• EXERCISE DIRECTIONS
Below are records to reproduce in full; copy them exactly but keep the pictures out.

• DATASET EXTRACT
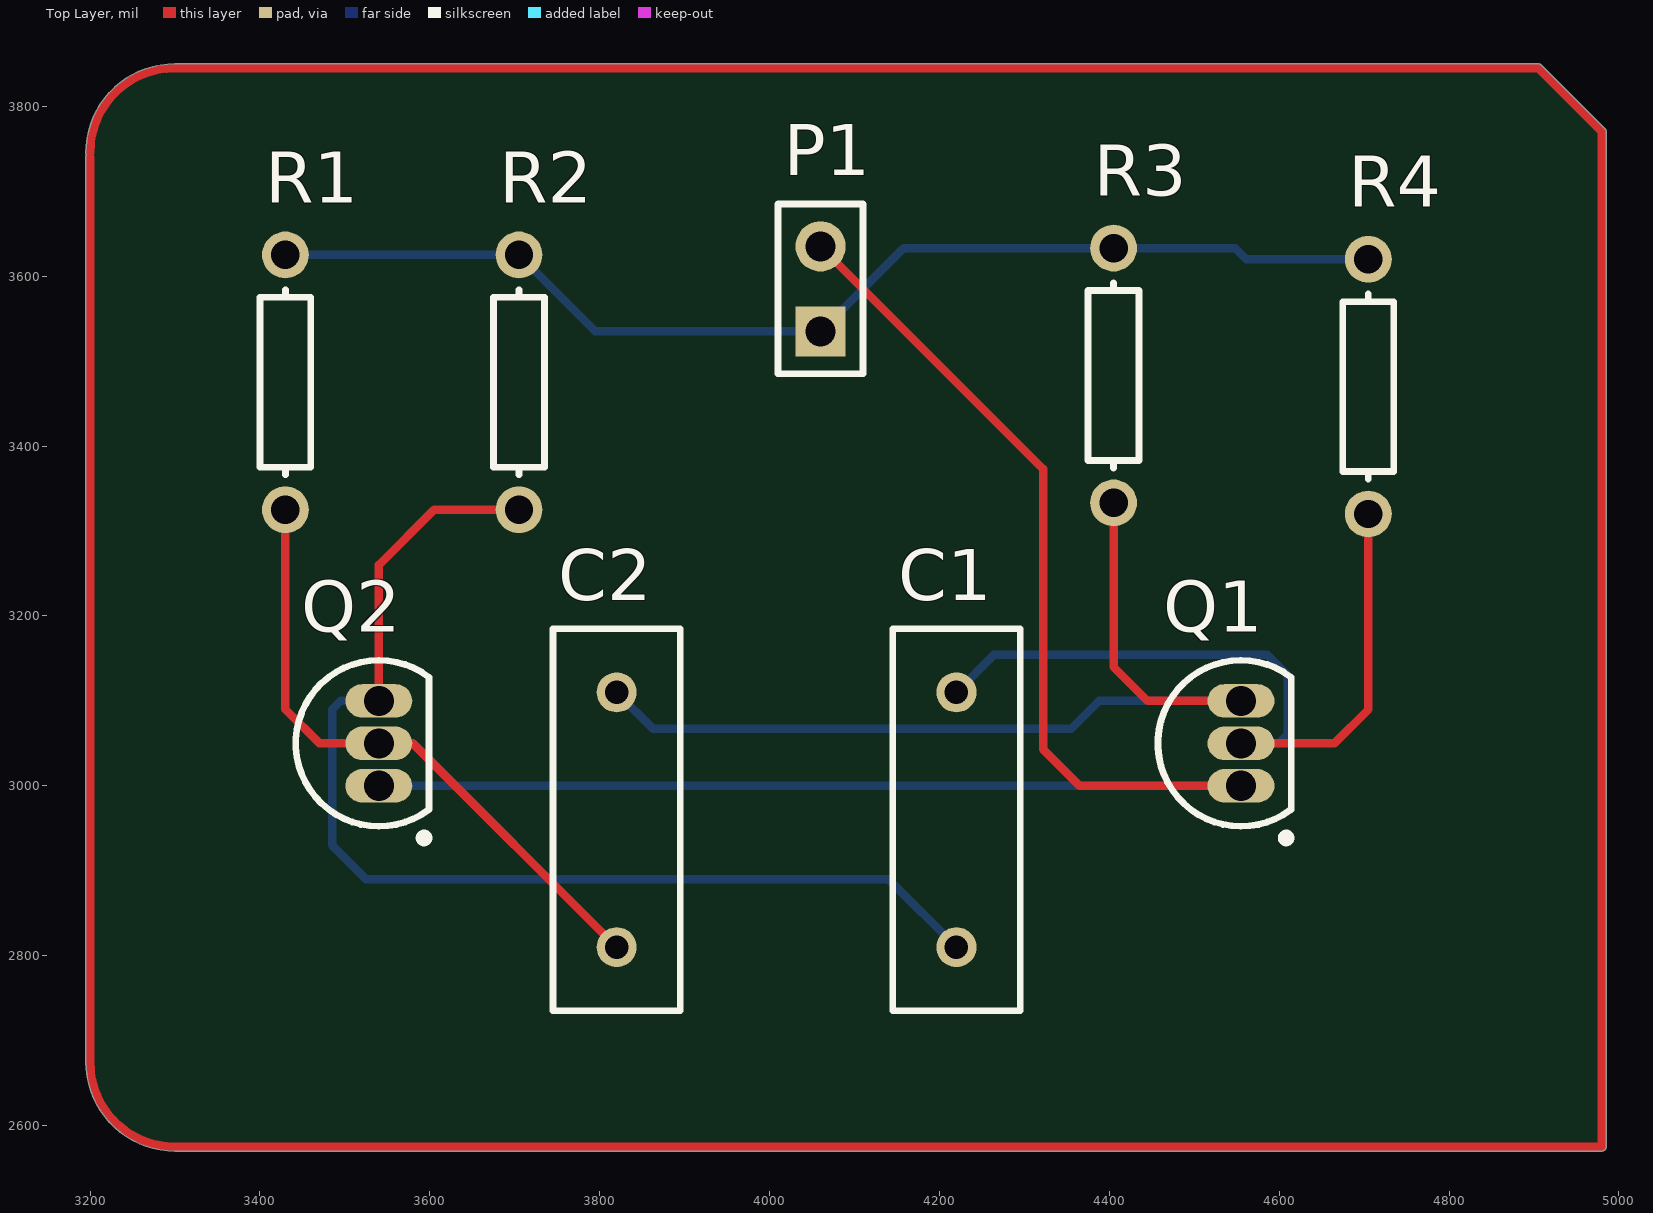
[diagram p0: Top Layer view]
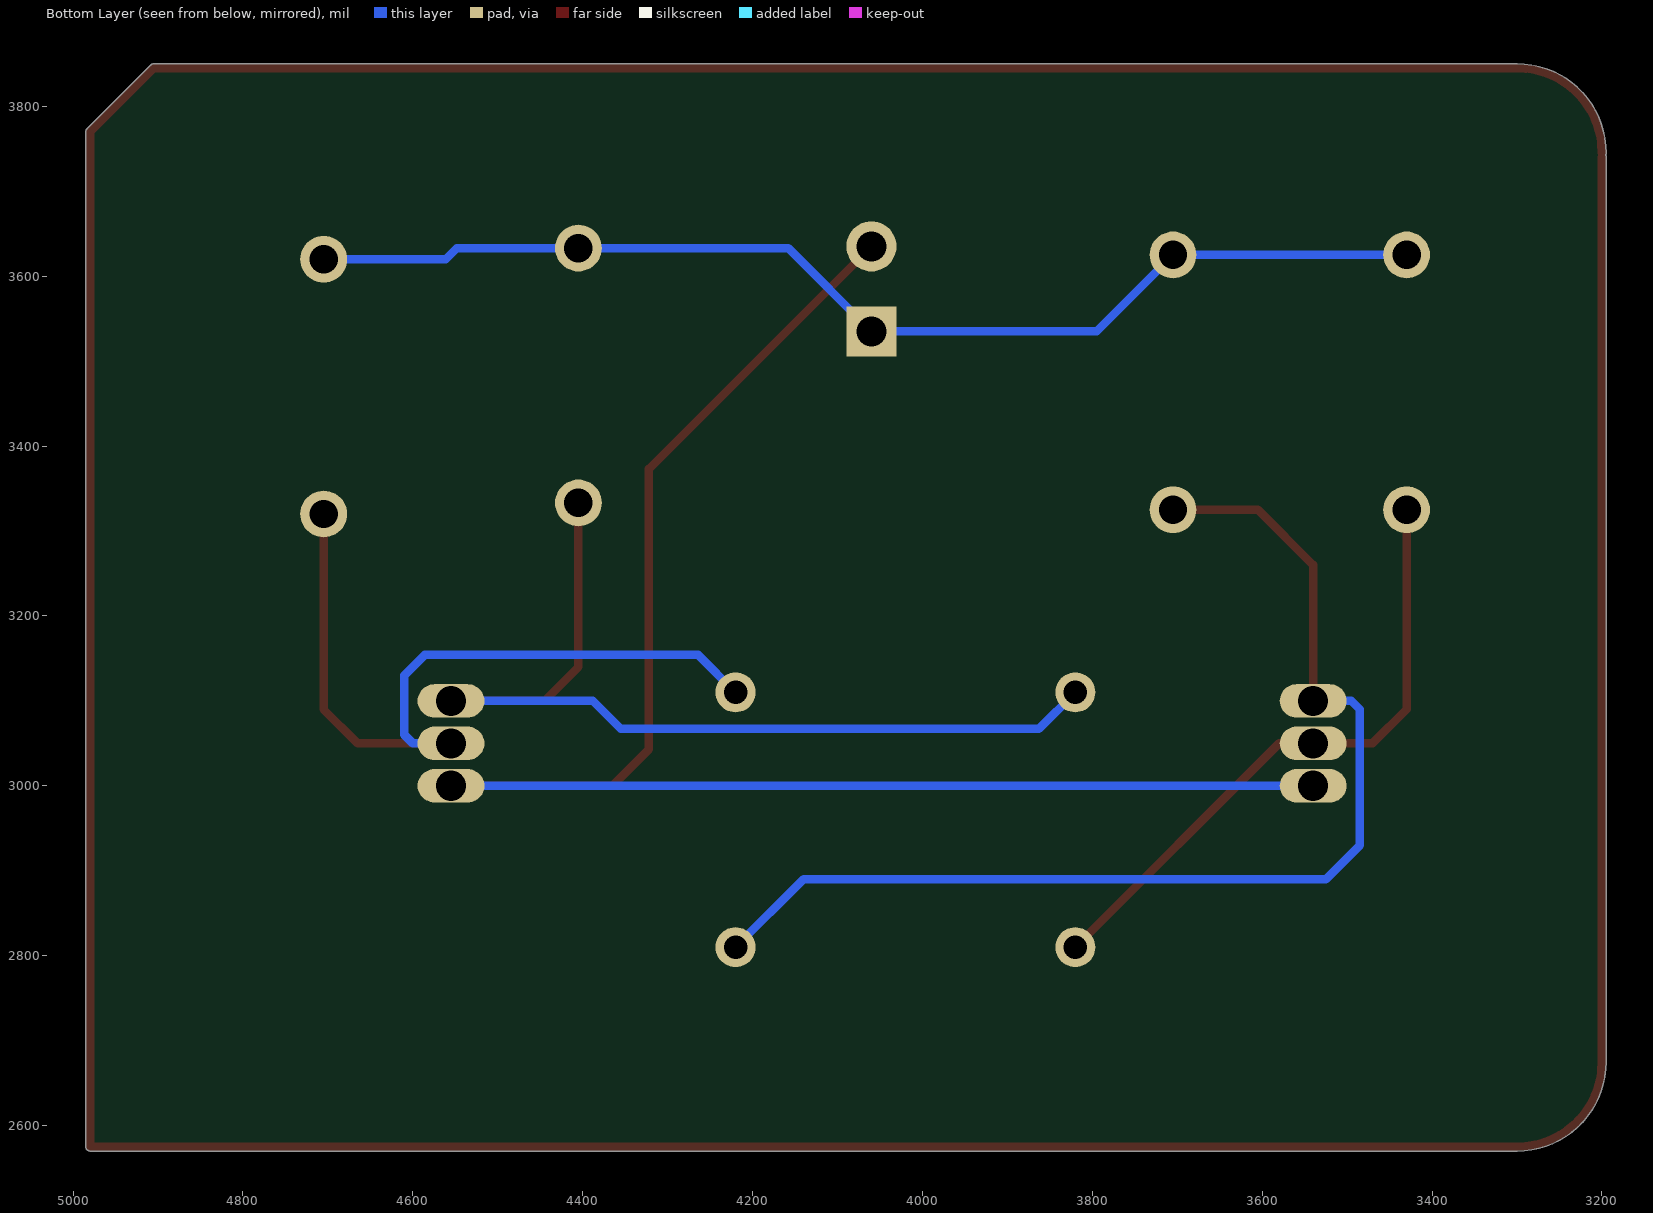
[diagram p1: Bottom Layer view, seen from below]
# Altium PCB MISC80684-6.PcbDoc
Units mil, origin at the board's own origin, x right, y up, seen from the top; angles counter-clockwise.
Board outline 1790.03 x 1280.03 mil, 2 copper layers (Top Layer, Bottom Layer); 9 components, 0 nets, 20 pads, 0 vias.

## Layer stack, top to bottom (the 12.6 mil dielectric is the usual default, probably not edited)
Top Solder: solder mask 0.4, Solder Resist, Dk 3.5
Top Layer: signal copper 1.4
Dielectric 1: dielectric 12.6, FR-4, Dk 4.8
Bottom Layer: signal copper 1.4
Bottom Solder: solder mask 0.4, Solder Resist, Dk 3.5

## Board outline
3194.99,2675 3194.99,3740 cw(c3200,3740) 3195.65,3742.5 cw(c3200,3745) 3194.99,3745 cw(c3300,3745) 3300,3850.01 4905,3850.01 cw(c4905,3845) 4908.56,3848.53 4908.55,3848.55 4983.55,3773.55 4983.53,3773.56 cw(c4980,3770) 4985.02,3770 4985.02,2575 cw(c4980,2575) 4980,2569.99 3300,2569.99 cw(c3300,2675)

## Design rules (kind name [scope] priority, off if disabled: settings)
Clearance [All] p1: gap=10
PolygonConnect [All] p1: connectstyle=Relief reliefconductorwidth=10 reliefentries=4 polygonreliefangle="90 Angle" airgapwidth=10
RoutingVias [All] p1: holewidth=28 width=50 viastyle="Through Hole" minholewidth=28 minwidth=50 maxholewidth=28 maxwidth=50
SolderMaskExpansion [All] p1: expansion=4
Width [All] p1: maxlimit=10 minlimit=10 preferedwidth=10
30 further rules are at their usual default settings.

## Components (designator, comment, footprint, x,y, rotation, side; value= is the part's Value field where it differs from the comment)
C1 "Cap" RAD-0.3 4220,2960 r90 top
C2 "Cap" RAD-0.3 3820,2960 r90 top
P1 "Header 2" HDR1X2 4060,3535 r90 top
Q1 "2N3904" TO-92A 4555,3050 r0 top
Q2 "2N3904" TO-92A 3540,3050 r0 top
R1 "Res1" AXIAL-0.3 3430,3475 r90 top
R2 "Res1" AXIAL-0.3 3705,3475 r90 top
R3 "Res1" AXIAL-0.3 4405,3483.03 r90 top
R4 "Res1" AXIAL-0.3 4705,3470 r90 top

## Footprints (in the part's own frame and the unit in brackets; to place one, negate y for a bottom-side part, rotate by r counter-clockwise, add the part's x,y. Pads: shape width x height; smd on the part's side, far side on the other; paste and mask are expansions set on the pad)
AXIAL-0.3 [mm] "Axial Device, Thru-Hole; 2 Leads; 0.3 in Pin Spacing"
  round 1.4 hole 0.85: 1(-3.81,0) 2(3.81,0)
  silkscreen extent -2.77,-0.76 2.77,0.76
HDR1X2 [mm] "Connector; Header; 2 Position"
  rect 1.5x1.5 hole 0.9: 1(0,0)
  round 1.5 hole 0.9: 2(2.54,0)
  silkscreen extent -1.27,-1.27 3.81,1.27
RAD-0.3 [mm] "Radial Cap, Thru-Hole; 2 Leads; 0.3 in Pin Spacing"
  round 1.2 hole 0.7: 1(-3.81,0) 2(3.81,0)
  silkscreen extent -5.71,-1.91 5.71,1.91
TO-92A [mm] "TO, Flat Index; 3 In-Line, Axial Leads; Body Dia. 4.5mm; Leads 0.51 x 0.48 mm (max)"
  oval 2x1 hole 0.9: 1(0,-1.27) 2(0,0) 3(0,1.27)
  silkscreen extent -2.48,-2.95 1.5,2.48, body extent -2.48,-2.5 1.5,2.5, height 6.86

## Part data
C1 C2: "Capacitor"
P1: "Header, 2-Pin"
Q1 Q2: "NPN General Purpose Amplifier"
R1 R2 R3 R4: "Resistor"

## Nets (pads, with @x,y where several pads share a name; then routed paths per layer and width w, separated by ;. In a path a pad name is that pad's centre, name@x,y a point inside that pad or via, vN(x,y) a via of type N, cw(c..) or ccw(c..) an arc to the next point about the centre after c; other vN are vias at no path point)
pads on no net: C1.1 C1.2 C2.1 C2.2 P1.1 P1.2 Q1.1 Q1.2 Q1.3 Q2.1 Q2.2 Q2.3 R1.1 R1.2 R2.1 R2.2 R3.1 R3.2 R4.1 R4.2
copper on no net: | length 13506.6
  Top Layer w10: 3200,3740 3200,2675 ccw(c3300,2675) 3300,2575 3310,2575 4980,2575 4980,3770 4905,3845 3325,3845 ; 3200,3745 cw(c3300,3745) 3300,3845 3305,3845 3325,3845 ; 3375,3845 3325,3845 ; 3430,3325 3430,3090 3470,3050 3540,3050 3580,3050 3820,2810 ; 3540,3100 3540,3260 3605,3325 3705,3325 ; 4060,3635 4322,3373 4322,3043 4365,3000 4555,3000 ; 4405,3333.03 4405,3140 4445,3100 4555,3100 ; 4555,3050 4665,3050 4705,3090 4705,3320
  Bottom Layer w10: 3430,3625 3705,3625 3795,3535 4060,3535 4158.03,3633.03 4405,3633.03 4548,3633.03 4561.03,3620 4705,3620 ; 3540,3000 4555,3000 ; 3540,3100 3495,3100 3485,3090 3485,2930 3525,2890 4140,2890 4220,2810 ; 3820,3110 3863,3067 4355,3067 4388,3100 4555,3100 ; 4220,3110 4264,3154 4586,3154 4610,3130 4610,3060 4600,3050 4555,3050

• EXERCISE ANSWER
[diagram p0: Top Layer view]
[diagram p1: Bottom Layer view, seen from below]
# Altium PCB MISC80684-6.PcbDoc
Units mil, origin at the board's own origin, x right, y up, seen from the top; angles counter-clockwise.
Board outline 1790.03 x 1280.03 mil, 2 copper layers (Top Layer, Bottom Layer); 9 components, 0 nets, 20 pads, 0 vias.

## Layer stack, top to bottom (the 12.6 mil dielectric is the usual default, probably not edited)
Top Solder: solder mask 0.4, Solder Resist, Dk 3.5
Top Layer: signal copper 1.4
Dielectric 1: dielectric 12.6, FR-4, Dk 4.8
Bottom Layer: signal copper 1.4
Bottom Solder: solder mask 0.4, Solder Resist, Dk 3.5

## Board outline
3194.99,2675 3194.99,3740 cw(c3200,3740) 3195.65,3742.5 cw(c3200,3745) 3194.99,3745 cw(c3300,3745) 3300,3850.01 4905,3850.01 cw(c4905,3845) 4908.56,3848.53 4908.55,3848.55 4983.55,3773.55 4983.53,3773.56 cw(c4980,3770) 4985.02,3770 4985.02,2575 cw(c4980,2575) 4980,2569.99 3300,2569.99 cw(c3300,2675)

## Design rules (kind name [scope] priority, off if disabled: settings)
Clearance [All] p1: gap=10
PolygonConnect [All] p1: connectstyle=Relief reliefconductorwidth=10 reliefentries=4 polygonreliefangle="90 Angle" airgapwidth=10
RoutingVias [All] p1: holewidth=28 width=50 viastyle="Through Hole" minholewidth=28 minwidth=50 maxholewidth=28 maxwidth=50
SolderMaskExpansion [All] p1: expansion=4
Width [All] p1: maxlimit=10 minlimit=10 preferedwidth=10
30 further rules are at their usual default settings.

## Components (designator, comment, footprint, x,y, rotation, side; value= is the part's Value field where it differs from the comment)
C1 "Cap" RAD-0.3 4220,2960 r90 top
C2 "Cap" RAD-0.3 3820,2960 r90 top
P1 "Header 2" HDR1X2 4060,3535 r90 top
Q1 "2N3904" TO-92A 4555,3050 r0 top
Q2 "2N3904" TO-92A 3540,3050 r0 top
R1 "Res1" AXIAL-0.3 3430,3475 r90 top
R2 "Res1" AXIAL-0.3 3705,3475 r90 top
R3 "Res1" AXIAL-0.3 4405,3483.03 r90 top
R4 "Res1" AXIAL-0.3 4705,3470 r90 top

## Footprints (in the part's own frame and the unit in brackets; to place one, negate y for a bottom-side part, rotate by r counter-clockwise, add the part's x,y. Pads: shape width x height; smd on the part's side, far side on the other; paste and mask are expansions set on the pad)
AXIAL-0.3 [mm] "Axial Device, Thru-Hole; 2 Leads; 0.3 in Pin Spacing"
  round 1.4 hole 0.85: 1(-3.81,0) 2(3.81,0)
  silkscreen extent -2.77,-0.76 2.77,0.76
HDR1X2 [mm] "Connector; Header; 2 Position"
  rect 1.5x1.5 hole 0.9: 1(0,0)
  round 1.5 hole 0.9: 2(2.54,0)
  silkscreen extent -1.27,-1.27 3.81,1.27
RAD-0.3 [mm] "Radial Cap, Thru-Hole; 2 Leads; 0.3 in Pin Spacing"
  round 1.2 hole 0.7: 1(-3.81,0) 2(3.81,0)
  silkscreen extent -5.71,-1.91 5.71,1.91
TO-92A [mm] "TO, Flat Index; 3 In-Line, Axial Leads; Body Dia. 4.5mm; Leads 0.51 x 0.48 mm (max)"
  oval 2x1 hole 0.9: 1(0,-1.27) 2(0,0) 3(0,1.27)
  silkscreen extent -2.48,-2.95 1.5,2.48, body extent -2.48,-2.5 1.5,2.5, height 6.86

## Part data
C1 C2: "Capacitor"
P1: "Header, 2-Pin"
Q1 Q2: "NPN General Purpose Amplifier"
R1 R2 R3 R4: "Resistor"

## Nets (pads, with @x,y where several pads share a name; then routed paths per layer and width w, separated by ;. In a path a pad name is that pad's centre, name@x,y a point inside that pad or via, vN(x,y) a via of type N, cw(c..) or ccw(c..) an arc to the next point about the centre after c; other vN are vias at no path point)
pads on no net: C1.1 C1.2 C2.1 C2.2 P1.1 P1.2 Q1.1 Q1.2 Q1.3 Q2.1 Q2.2 Q2.3 R1.1 R1.2 R2.1 R2.2 R3.1 R3.2 R4.1 R4.2
copper on no net: | length 13506.6
  Top Layer w10: 3200,3740 3200,2675 ccw(c3300,2675) 3300,2575 3310,2575 4980,2575 4980,3770 4905,3845 3325,3845 ; 3200,3745 cw(c3300,3745) 3300,3845 3305,3845 3325,3845 ; 3375,3845 3325,3845 ; 3430,3325 3430,3090 3470,3050 3540,3050 3580,3050 3820,2810 ; 3540,3100 3540,3260 3605,3325 3705,3325 ; 4060,3635 4322,3373 4322,3043 4365,3000 4555,3000 ; 4405,3333.03 4405,3140 4445,3100 4555,3100 ; 4555,3050 4665,3050 4705,3090 4705,3320
  Bottom Layer w10: 3430,3625 3705,3625 3795,3535 4060,3535 4158.03,3633.03 4405,3633.03 4548,3633.03 4561.03,3620 4705,3620 ; 3540,3000 4555,3000 ; 3540,3100 3495,3100 3485,3090 3485,2930 3525,2890 4140,2890 4220,2810 ; 3820,3110 3863,3067 4355,3067 4388,3100 4555,3100 ; 4220,3110 4264,3154 4586,3154 4610,3130 4610,3060 4600,3050 4555,3050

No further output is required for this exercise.